[Data entries]
-*-*-

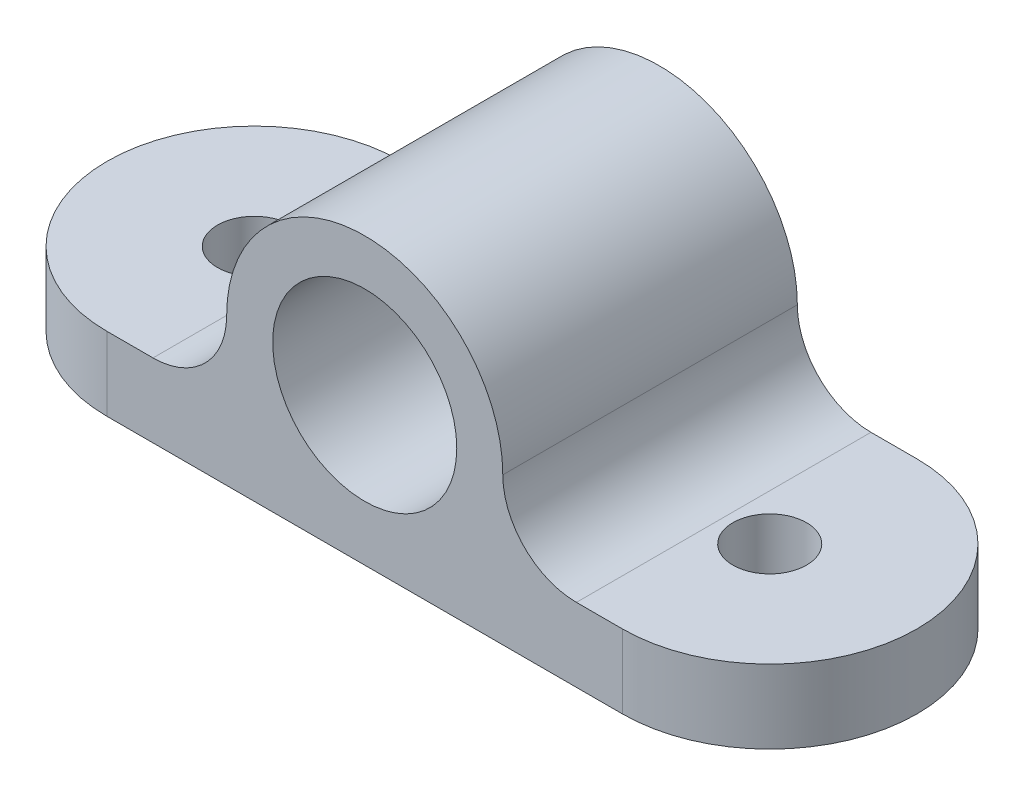
ISO-10303-21;
HEADER;
FILE_DESCRIPTION(('STEP AP214'),'2;1');
FILE_NAME('part.step','',(''),(''),'','','');
FILE_SCHEMA(('AUTOMOTIVE_DESIGN { 1 0 10303 214 1 1 1 1 }'));
ENDSEC;
DATA;
#1=APPLICATION_CONTEXT('core data for automotive mechanical design processes');
#2=APPLICATION_PROTOCOL_DEFINITION('international standard','automotive_design',2000,#1);
#3=PRODUCT_CONTEXT('',#1,'mechanical');
#4=PRODUCT('Part','Part','',(#3));
#5=PRODUCT_RELATED_PRODUCT_CATEGORY('part','',(#4));
#6=PRODUCT_DEFINITION_FORMATION('','',#4);
#7=PRODUCT_DEFINITION_CONTEXT('part definition',#1,'design');
#8=PRODUCT_DEFINITION('design','',#6,#7);
#9=PRODUCT_DEFINITION_SHAPE('','',#8);
#10=(LENGTH_UNIT() NAMED_UNIT(*) SI_UNIT(.MILLI.,.METRE.));
#11=(NAMED_UNIT(*) PLANE_ANGLE_UNIT() SI_UNIT($,.RADIAN.));
#12=(NAMED_UNIT(*) SI_UNIT($,.STERADIAN.) SOLID_ANGLE_UNIT());
#13=UNCERTAINTY_MEASURE_WITH_UNIT(LENGTH_MEASURE(1.E-05),#10,'distance_accuracy_value','');
#14=(GEOMETRIC_REPRESENTATION_CONTEXT(3) GLOBAL_UNCERTAINTY_ASSIGNED_CONTEXT((#13)) GLOBAL_UNIT_ASSIGNED_CONTEXT((#10,
#11,#12)) REPRESENTATION_CONTEXT('',''));
#15=CARTESIAN_POINT('',(0.,0.,0.));
#16=DIRECTION('',(0.,0.,1.));
#17=DIRECTION('',(1.,0.,0.));
#18=AXIS2_PLACEMENT_3D('',#15,#16,#17);
#19=CARTESIAN_POINT('',(-70.,0.,40.));
#20=DIRECTION('',(0.,-1.,0.));
#21=DIRECTION('',(0.,0.,-1.));
#22=AXIS2_PLACEMENT_3D('',#19,#20,#21);
#23=CYLINDRICAL_SURFACE('',#22,40.);
#24=DIRECTION('',(0.,-1.,0.));
#25=VECTOR('',#24,1.);
#26=CARTESIAN_POINT('',(-70.,40.,0.));
#27=LINE('',#26,#25);
#28=CARTESIAN_POINT('',(-70.,0.,0.));
#29=VERTEX_POINT('',#28);
#30=CARTESIAN_POINT('',(-70.,20.,0.));
#31=VERTEX_POINT('',#30);
#32=EDGE_CURVE('E154',#29,#31,#27,.F.);
#33=ORIENTED_EDGE('',*,*,#32,.F.);
#34=CARTESIAN_POINT('',(-70.,0.,40.));
#35=DIRECTION('',(0.,1.,0.));
#36=DIRECTION('',(0.,0.,1.));
#37=AXIS2_PLACEMENT_3D('',#34,#35,#36);
#38=CIRCLE('',#37,40.);
#39=CARTESIAN_POINT('',(-70.,0.,80.));
#40=VERTEX_POINT('',#39);
#41=EDGE_CURVE('E49',#40,#29,#38,.F.);
#42=ORIENTED_EDGE('',*,*,#41,.F.);
#43=DIRECTION('',(0.,1.,0.));
#44=VECTOR('',#43,1.);
#45=CARTESIAN_POINT('',(-70.,0.,80.));
#46=LINE('',#45,#44);
#47=CARTESIAN_POINT('',(-70.,20.,80.));
#48=VERTEX_POINT('',#47);
#49=EDGE_CURVE('E158',#48,#40,#46,.F.);
#50=ORIENTED_EDGE('',*,*,#49,.F.);
#51=CARTESIAN_POINT('',(-70.,20.,40.));
#52=DIRECTION('',(0.,-1.,0.));
#53=DIRECTION('',(0.,0.,-1.));
#54=AXIS2_PLACEMENT_3D('',#51,#52,#53);
#55=CIRCLE('',#54,40.);
#56=EDGE_CURVE('E11',#31,#48,#55,.F.);
#57=ORIENTED_EDGE('',*,*,#56,.F.);
#58=EDGE_LOOP('',(#33,#42,#50,#57));
#59=FACE_BOUND('',#58,.T.);
#60=ADVANCED_FACE('F41',(#59),#23,.T.);
#61=CARTESIAN_POINT('',(70.,0.,40.));
#62=DIRECTION('',(0.,1.,0.));
#63=DIRECTION('',(0.,0.,1.));
#64=AXIS2_PLACEMENT_3D('',#61,#62,#63);
#65=CYLINDRICAL_SURFACE('',#64,40.);
#66=DIRECTION('',(0.,-1.,0.));
#67=VECTOR('',#66,1.);
#68=CARTESIAN_POINT('',(70.,0.,80.));
#69=LINE('',#68,#67);
#70=CARTESIAN_POINT('',(70.,0.,80.));
#71=VERTEX_POINT('',#70);
#72=CARTESIAN_POINT('',(70.,20.,80.));
#73=VERTEX_POINT('',#72);
#74=EDGE_CURVE('E145',#71,#73,#69,.F.);
#75=ORIENTED_EDGE('',*,*,#74,.F.);
#76=CARTESIAN_POINT('',(70.,0.,40.));
#77=DIRECTION('',(0.,1.,0.));
#78=DIRECTION('',(0.,0.,1.));
#79=AXIS2_PLACEMENT_3D('',#76,#77,#78);
#80=CIRCLE('',#79,40.);
#81=CARTESIAN_POINT('',(70.,0.,0.));
#82=VERTEX_POINT('',#81);
#83=EDGE_CURVE('E147',#82,#71,#80,.F.);
#84=ORIENTED_EDGE('',*,*,#83,.F.);
#85=DIRECTION('',(0.,1.,0.));
#86=VECTOR('',#85,1.);
#87=CARTESIAN_POINT('',(70.,40.,0.));
#88=LINE('',#87,#86);
#89=CARTESIAN_POINT('',(70.,20.,0.));
#90=VERTEX_POINT('',#89);
#91=EDGE_CURVE('E150',#90,#82,#88,.F.);
#92=ORIENTED_EDGE('',*,*,#91,.F.);
#93=CARTESIAN_POINT('',(70.,20.,40.));
#94=DIRECTION('',(0.,-1.,0.));
#95=DIRECTION('',(0.,0.,-1.));
#96=AXIS2_PLACEMENT_3D('',#93,#94,#95);
#97=CIRCLE('',#96,40.);
#98=EDGE_CURVE('E153',#73,#90,#97,.F.);
#99=ORIENTED_EDGE('',*,*,#98,.F.);
#100=EDGE_LOOP('',(#75,#84,#92,#99));
#101=FACE_BOUND('',#100,.T.);
#102=ADVANCED_FACE('F213',(#101),#65,.T.);
#103=CARTESIAN_POINT('',(0.,40.,80.));
#104=DIRECTION('',(0.,0.,1.));
#105=DIRECTION('',(1.,0.,0.));
#106=AXIS2_PLACEMENT_3D('',#103,#104,#105);
#107=PLANE('',#106);
#108=DIRECTION('',(-1.,0.,0.));
#109=VECTOR('',#108,1.);
#110=CARTESIAN_POINT('',(-37.5,20.,80.));
#111=LINE('',#110,#109);
#112=CARTESIAN_POINT('',(-57.5,20.,80.));
#113=VERTEX_POINT('',#112);
#114=EDGE_CURVE('E116',#113,#48,#111,.T.);
#115=ORIENTED_EDGE('',*,*,#114,.T.);
#116=ORIENTED_EDGE('',*,*,#49,.T.);
#117=DIRECTION('',(1.,0.,0.));
#118=VECTOR('',#117,1.);
#119=CARTESIAN_POINT('',(-110.,0.,80.));
#120=LINE('',#119,#118);
#121=EDGE_CURVE('E167',#40,#71,#120,.T.);
#122=ORIENTED_EDGE('',*,*,#121,.T.);
#123=ORIENTED_EDGE('',*,*,#74,.T.);
#124=DIRECTION('',(-1.,0.,0.));
#125=VECTOR('',#124,1.);
#126=CARTESIAN_POINT('',(110.,20.,80.));
#127=LINE('',#126,#125);
#128=CARTESIAN_POINT('',(57.5,20.,80.));
#129=VERTEX_POINT('',#128);
#130=EDGE_CURVE('E178',#73,#129,#127,.T.);
#131=ORIENTED_EDGE('',*,*,#130,.T.);
#132=CARTESIAN_POINT('',(57.5,40.,80.));
#133=DIRECTION('',(0.,0.,1.));
#134=DIRECTION('',(1.,0.,0.));
#135=AXIS2_PLACEMENT_3D('',#132,#133,#134);
#136=CIRCLE('',#135,20.);
#137=CARTESIAN_POINT('',(37.5,40.,80.));
#138=VERTEX_POINT('',#137);
#139=EDGE_CURVE('E115',#129,#138,#136,.F.);
#140=ORIENTED_EDGE('',*,*,#139,.T.);
#141=CARTESIAN_POINT('',(0.,40.,80.));
#142=DIRECTION('',(0.,0.,1.));
#143=DIRECTION('',(1.,0.,0.));
#144=AXIS2_PLACEMENT_3D('',#141,#142,#143);
#145=CIRCLE('',#144,37.5);
#146=CARTESIAN_POINT('',(-37.5,40.,80.));
#147=VERTEX_POINT('',#146);
#148=EDGE_CURVE('E102',#138,#147,#145,.T.);
#149=ORIENTED_EDGE('',*,*,#148,.T.);
#150=CARTESIAN_POINT('',(-57.5,40.,80.));
#151=DIRECTION('',(0.,0.,1.));
#152=DIRECTION('',(1.,0.,0.));
#153=AXIS2_PLACEMENT_3D('',#150,#151,#152);
#154=CIRCLE('',#153,20.);
#155=EDGE_CURVE('E109',#147,#113,#154,.F.);
#156=ORIENTED_EDGE('',*,*,#155,.T.);
#157=EDGE_LOOP('',(#115,#116,#122,#123,#131,#140,#149,#156));
#158=FACE_BOUND('',#157,.T.);
#159=CARTESIAN_POINT('',(0.,40.,80.));
#160=DIRECTION('',(0.,0.,1.));
#161=DIRECTION('',(1.,0.,0.));
#162=AXIS2_PLACEMENT_3D('',#159,#160,#161);
#163=CIRCLE('',#162,25.);
#164=CARTESIAN_POINT('',(25.,40.,80.));
#165=VERTEX_POINT('',#164);
#166=EDGE_CURVE('E185',#165,#165,#163,.T.);
#167=ORIENTED_EDGE('',*,*,#166,.F.);
#168=EDGE_LOOP('',(#167));
#169=FACE_BOUND('',#168,.T.);
#170=ADVANCED_FACE('F110',(#158,#169),#107,.T.);
#171=CARTESIAN_POINT('',(0.,40.,0.));
#172=DIRECTION('',(0.,0.,1.));
#173=DIRECTION('',(1.,0.,0.));
#174=AXIS2_PLACEMENT_3D('',#171,#172,#173);
#175=PLANE('',#174);
#176=DIRECTION('',(1.,0.,0.));
#177=VECTOR('',#176,1.);
#178=CARTESIAN_POINT('',(-110.,0.,0.));
#179=LINE('',#178,#177);
#180=EDGE_CURVE('E163',#29,#82,#179,.T.);
#181=ORIENTED_EDGE('',*,*,#180,.F.);
#182=ORIENTED_EDGE('',*,*,#32,.T.);
#183=DIRECTION('',(-1.,0.,0.));
#184=VECTOR('',#183,1.);
#185=CARTESIAN_POINT('',(-110.,20.,0.));
#186=LINE('',#185,#184);
#187=CARTESIAN_POINT('',(-57.5,20.,0.));
#188=VERTEX_POINT('',#187);
#189=EDGE_CURVE('E174',#188,#31,#186,.T.);
#190=ORIENTED_EDGE('',*,*,#189,.F.);
#191=CARTESIAN_POINT('',(-57.5,40.,0.));
#192=DIRECTION('',(0.,0.,1.));
#193=DIRECTION('',(1.,0.,0.));
#194=AXIS2_PLACEMENT_3D('',#191,#192,#193);
#195=CIRCLE('',#194,20.);
#196=CARTESIAN_POINT('',(-37.5,40.,0.));
#197=VERTEX_POINT('',#196);
#198=EDGE_CURVE('E134',#188,#197,#195,.T.);
#199=ORIENTED_EDGE('',*,*,#198,.T.);
#200=CARTESIAN_POINT('',(0.,40.,0.));
#201=DIRECTION('',(0.,0.,1.));
#202=DIRECTION('',(1.,0.,0.));
#203=AXIS2_PLACEMENT_3D('',#200,#201,#202);
#204=CIRCLE('',#203,37.5);
#205=CARTESIAN_POINT('',(37.5,40.,0.));
#206=VERTEX_POINT('',#205);
#207=EDGE_CURVE('E123',#206,#197,#204,.T.);
#208=ORIENTED_EDGE('',*,*,#207,.F.);
#209=CARTESIAN_POINT('',(57.5,40.,0.));
#210=DIRECTION('',(0.,0.,1.));
#211=DIRECTION('',(1.,0.,0.));
#212=AXIS2_PLACEMENT_3D('',#209,#210,#211);
#213=CIRCLE('',#212,20.);
#214=CARTESIAN_POINT('',(57.5,20.,0.));
#215=VERTEX_POINT('',#214);
#216=EDGE_CURVE('E136',#206,#215,#213,.T.);
#217=ORIENTED_EDGE('',*,*,#216,.T.);
#218=DIRECTION('',(-1.,0.,0.));
#219=VECTOR('',#218,1.);
#220=CARTESIAN_POINT('',(37.5,20.,0.));
#221=LINE('',#220,#219);
#222=EDGE_CURVE('E117',#90,#215,#221,.T.);
#223=ORIENTED_EDGE('',*,*,#222,.F.);
#224=ORIENTED_EDGE('',*,*,#91,.T.);
#225=EDGE_LOOP('',(#181,#182,#190,#199,#208,#217,#223,#224));
#226=FACE_BOUND('',#225,.T.);
#227=CARTESIAN_POINT('',(0.,40.,0.));
#228=DIRECTION('',(0.,0.,1.));
#229=DIRECTION('',(1.,0.,0.));
#230=AXIS2_PLACEMENT_3D('',#227,#228,#229);
#231=CIRCLE('',#230,25.);
#232=CARTESIAN_POINT('',(25.,40.,0.));
#233=VERTEX_POINT('',#232);
#234=EDGE_CURVE('E184',#233,#233,#231,.T.);
#235=ORIENTED_EDGE('',*,*,#234,.T.);
#236=EDGE_LOOP('',(#235));
#237=FACE_BOUND('',#236,.T.);
#238=ADVANCED_FACE('F166',(#226,#237),#175,.F.);
#239=CARTESIAN_POINT('',(0.,40.,80.));
#240=DIRECTION('',(0.,0.,-1.));
#241=DIRECTION('',(-1.,0.,0.));
#242=AXIS2_PLACEMENT_3D('',#239,#240,#241);
#243=CYLINDRICAL_SURFACE('',#242,37.5);
#244=ORIENTED_EDGE('',*,*,#207,.T.);
#245=DIRECTION('',(0.,0.,-1.));
#246=VECTOR('',#245,1.);
#247=CARTESIAN_POINT('',(-37.5,40.,80.));
#248=LINE('',#247,#246);
#249=EDGE_CURVE('E121',#147,#197,#248,.T.);
#250=ORIENTED_EDGE('',*,*,#249,.F.);
#251=ORIENTED_EDGE('',*,*,#148,.F.);
#252=DIRECTION('',(0.,0.,-1.));
#253=VECTOR('',#252,1.);
#254=CARTESIAN_POINT('',(37.5,40.,80.));
#255=LINE('',#254,#253);
#256=EDGE_CURVE('E130',#138,#206,#255,.T.);
#257=ORIENTED_EDGE('',*,*,#256,.T.);
#258=EDGE_LOOP('',(#244,#250,#251,#257));
#259=FACE_BOUND('',#258,.T.);
#260=ADVANCED_FACE('F122',(#259),#243,.T.);
#261=CARTESIAN_POINT('',(-110.,20.,80.));
#262=DIRECTION('',(0.,-1.,0.));
#263=DIRECTION('',(0.,0.,-1.));
#264=AXIS2_PLACEMENT_3D('',#261,#262,#263);
#265=PLANE('',#264);
#266=CARTESIAN_POINT('',(-70.,20.,40.));
#267=DIRECTION('',(0.,1.,0.));
#268=DIRECTION('',(0.,0.,1.));
#269=AXIS2_PLACEMENT_3D('',#266,#267,#268);
#270=CIRCLE('',#269,10.);
#271=CARTESIAN_POINT('',(-70.,20.,50.));
#272=VERTEX_POINT('',#271);
#273=EDGE_CURVE('E198',#272,#272,#270,.T.);
#274=ORIENTED_EDGE('',*,*,#273,.F.);
#275=EDGE_LOOP('',(#274));
#276=FACE_BOUND('',#275,.T.);
#277=ORIENTED_EDGE('',*,*,#189,.T.);
#278=ORIENTED_EDGE('',*,*,#56,.T.);
#279=ORIENTED_EDGE('',*,*,#114,.F.);
#280=DIRECTION('',(0.,0.,-1.));
#281=VECTOR('',#280,1.);
#282=CARTESIAN_POINT('',(-57.5,20.,0.));
#283=LINE('',#282,#281);
#284=EDGE_CURVE('E127',#113,#188,#283,.T.);
#285=ORIENTED_EDGE('',*,*,#284,.T.);
#286=EDGE_LOOP('',(#277,#278,#279,#285));
#287=FACE_BOUND('',#286,.T.);
#288=ADVANCED_FACE('F180',(#276,#287),#265,.F.);
#289=CARTESIAN_POINT('',(-110.,0.,80.));
#290=DIRECTION('',(0.,1.,0.));
#291=DIRECTION('',(0.,0.,1.));
#292=AXIS2_PLACEMENT_3D('',#289,#290,#291);
#293=PLANE('',#292);
#294=CARTESIAN_POINT('',(70.,0.,40.));
#295=DIRECTION('',(0.,1.,0.));
#296=DIRECTION('',(0.,0.,1.));
#297=AXIS2_PLACEMENT_3D('',#294,#295,#296);
#298=CIRCLE('',#297,9.99999999999999);
#299=CARTESIAN_POINT('',(70.,0.,50.));
#300=VERTEX_POINT('',#299);
#301=EDGE_CURVE('E192',#300,#300,#298,.T.);
#302=ORIENTED_EDGE('',*,*,#301,.T.);
#303=EDGE_LOOP('',(#302));
#304=FACE_BOUND('',#303,.T.);
#305=CARTESIAN_POINT('',(-70.,0.,40.));
#306=DIRECTION('',(0.,1.,0.));
#307=DIRECTION('',(0.,0.,1.));
#308=AXIS2_PLACEMENT_3D('',#305,#306,#307);
#309=CIRCLE('',#308,10.);
#310=CARTESIAN_POINT('',(-70.,0.,50.));
#311=VERTEX_POINT('',#310);
#312=EDGE_CURVE('E44',#311,#311,#309,.T.);
#313=ORIENTED_EDGE('',*,*,#312,.T.);
#314=EDGE_LOOP('',(#313));
#315=FACE_BOUND('',#314,.T.);
#316=ORIENTED_EDGE('',*,*,#121,.F.);
#317=ORIENTED_EDGE('',*,*,#41,.T.);
#318=ORIENTED_EDGE('',*,*,#180,.T.);
#319=ORIENTED_EDGE('',*,*,#83,.T.);
#320=EDGE_LOOP('',(#316,#317,#318,#319));
#321=FACE_BOUND('',#320,.T.);
#322=ADVANCED_FACE('F165',(#304,#315,#321),#293,.F.);
#323=CARTESIAN_POINT('',(37.5,20.,80.));
#324=DIRECTION('',(0.,-1.,0.));
#325=DIRECTION('',(0.,0.,-1.));
#326=AXIS2_PLACEMENT_3D('',#323,#324,#325);
#327=PLANE('',#326);
#328=CARTESIAN_POINT('',(70.,20.,40.));
#329=DIRECTION('',(0.,1.,0.));
#330=DIRECTION('',(0.,0.,1.));
#331=AXIS2_PLACEMENT_3D('',#328,#329,#330);
#332=CIRCLE('',#331,9.99999999999999);
#333=CARTESIAN_POINT('',(70.,20.,50.));
#334=VERTEX_POINT('',#333);
#335=EDGE_CURVE('E195',#334,#334,#332,.T.);
#336=ORIENTED_EDGE('',*,*,#335,.F.);
#337=EDGE_LOOP('',(#336));
#338=FACE_BOUND('',#337,.T.);
#339=ORIENTED_EDGE('',*,*,#130,.F.);
#340=ORIENTED_EDGE('',*,*,#98,.T.);
#341=ORIENTED_EDGE('',*,*,#222,.T.);
#342=DIRECTION('',(0.,0.,-1.));
#343=VECTOR('',#342,1.);
#344=CARTESIAN_POINT('',(57.5,20.,80.));
#345=LINE('',#344,#343);
#346=EDGE_CURVE('E132',#215,#129,#345,.F.);
#347=ORIENTED_EDGE('',*,*,#346,.T.);
#348=EDGE_LOOP('',(#339,#340,#341,#347));
#349=FACE_BOUND('',#348,.T.);
#350=ADVANCED_FACE('F202',(#338,#349),#327,.F.);
#351=CARTESIAN_POINT('',(0.,40.,80.));
#352=DIRECTION('',(0.,0.,-1.));
#353=DIRECTION('',(-1.,0.,0.));
#354=AXIS2_PLACEMENT_3D('',#351,#352,#353);
#355=CYLINDRICAL_SURFACE('',#354,25.);
#356=ORIENTED_EDGE('',*,*,#166,.T.);
#357=EDGE_LOOP('',(#356));
#358=FACE_BOUND('',#357,.T.);
#359=ORIENTED_EDGE('',*,*,#234,.F.);
#360=EDGE_LOOP('',(#359));
#361=FACE_BOUND('',#360,.T.);
#362=ADVANCED_FACE('F208',(#358,#361),#355,.F.);
#363=CARTESIAN_POINT('',(-57.5,40.,80.));
#364=DIRECTION('',(0.,0.,1.));
#365=DIRECTION('',(1.,0.,0.));
#366=AXIS2_PLACEMENT_3D('',#363,#364,#365);
#367=CYLINDRICAL_SURFACE('',#366,20.);
#368=ORIENTED_EDGE('',*,*,#155,.F.);
#369=ORIENTED_EDGE('',*,*,#249,.T.);
#370=ORIENTED_EDGE('',*,*,#198,.F.);
#371=ORIENTED_EDGE('',*,*,#284,.F.);
#372=EDGE_LOOP('',(#368,#369,#370,#371));
#373=FACE_BOUND('',#372,.T.);
#374=ADVANCED_FACE('F128',(#373),#367,.F.);
#375=CARTESIAN_POINT('',(57.5,40.,80.));
#376=DIRECTION('',(0.,0.,1.));
#377=DIRECTION('',(1.,0.,0.));
#378=AXIS2_PLACEMENT_3D('',#375,#376,#377);
#379=CYLINDRICAL_SURFACE('',#378,20.);
#380=ORIENTED_EDGE('',*,*,#139,.F.);
#381=ORIENTED_EDGE('',*,*,#346,.F.);
#382=ORIENTED_EDGE('',*,*,#216,.F.);
#383=ORIENTED_EDGE('',*,*,#256,.F.);
#384=EDGE_LOOP('',(#380,#381,#382,#383));
#385=FACE_BOUND('',#384,.T.);
#386=ADVANCED_FACE('F223',(#385),#379,.F.);
#387=CARTESIAN_POINT('',(70.,-60.,40.));
#388=DIRECTION('',(0.,1.,0.));
#389=DIRECTION('',(0.,0.,1.));
#390=AXIS2_PLACEMENT_3D('',#387,#388,#389);
#391=CYLINDRICAL_SURFACE('',#390,9.99999999999999);
#392=ORIENTED_EDGE('',*,*,#335,.T.);
#393=EDGE_LOOP('',(#392));
#394=FACE_BOUND('',#393,.T.);
#395=ORIENTED_EDGE('',*,*,#301,.F.);
#396=EDGE_LOOP('',(#395));
#397=FACE_BOUND('',#396,.T.);
#398=ADVANCED_FACE('F205',(#394,#397),#391,.F.);
#399=CARTESIAN_POINT('',(-70.,-60.,40.));
#400=DIRECTION('',(0.,1.,0.));
#401=DIRECTION('',(0.,0.,1.));
#402=AXIS2_PLACEMENT_3D('',#399,#400,#401);
#403=CYLINDRICAL_SURFACE('',#402,10.);
#404=ORIENTED_EDGE('',*,*,#273,.T.);
#405=EDGE_LOOP('',(#404));
#406=FACE_BOUND('',#405,.T.);
#407=ORIENTED_EDGE('',*,*,#312,.F.);
#408=EDGE_LOOP('',(#407));
#409=FACE_BOUND('',#408,.T.);
#410=ADVANCED_FACE('F244',(#406,#409),#403,.F.);
#411=CLOSED_SHELL('',(#60,#102,#170,#238,#260,#288,#322,#350,#362,#374,#386,#398,#410));
#412=MANIFOLD_SOLID_BREP('B2',#411);
#413=ADVANCED_BREP_SHAPE_REPRESENTATION('',(#18,#412),#14);
#414=SHAPE_DEFINITION_REPRESENTATION(#9,#413);
ENDSEC;
END-ISO-10303-21;

-*-*-

# Work to be completed
Verbatim copy, pictures excluded: output the lines from the first line of the records above through the line containing "#11=(NAMED_UNIT(*) PLANE_ANGLE_UNIT() SI_UNIT($,.RADIAN.));".

# Response below
ISO-10303-21;
HEADER;
FILE_DESCRIPTION(('STEP AP214'),'2;1');
FILE_NAME('part.step','',(''),(''),'','','');
FILE_SCHEMA(('AUTOMOTIVE_DESIGN { 1 0 10303 214 1 1 1 1 }'));
ENDSEC;
DATA;
#1=APPLICATION_CONTEXT('core data for automotive mechanical design processes');
#2=APPLICATION_PROTOCOL_DEFINITION('international standard','automotive_design',2000,#1);
#3=PRODUCT_CONTEXT('',#1,'mechanical');
#4=PRODUCT('Part','Part','',(#3));
#5=PRODUCT_RELATED_PRODUCT_CATEGORY('part','',(#4));
#6=PRODUCT_DEFINITION_FORMATION('','',#4);
#7=PRODUCT_DEFINITION_CONTEXT('part definition',#1,'design');
#8=PRODUCT_DEFINITION('design','',#6,#7);
#9=PRODUCT_DEFINITION_SHAPE('','',#8);
#10=(LENGTH_UNIT() NAMED_UNIT(*) SI_UNIT(.MILLI.,.METRE.));
#11=(NAMED_UNIT(*) PLANE_ANGLE_UNIT() SI_UNIT($,.RADIAN.));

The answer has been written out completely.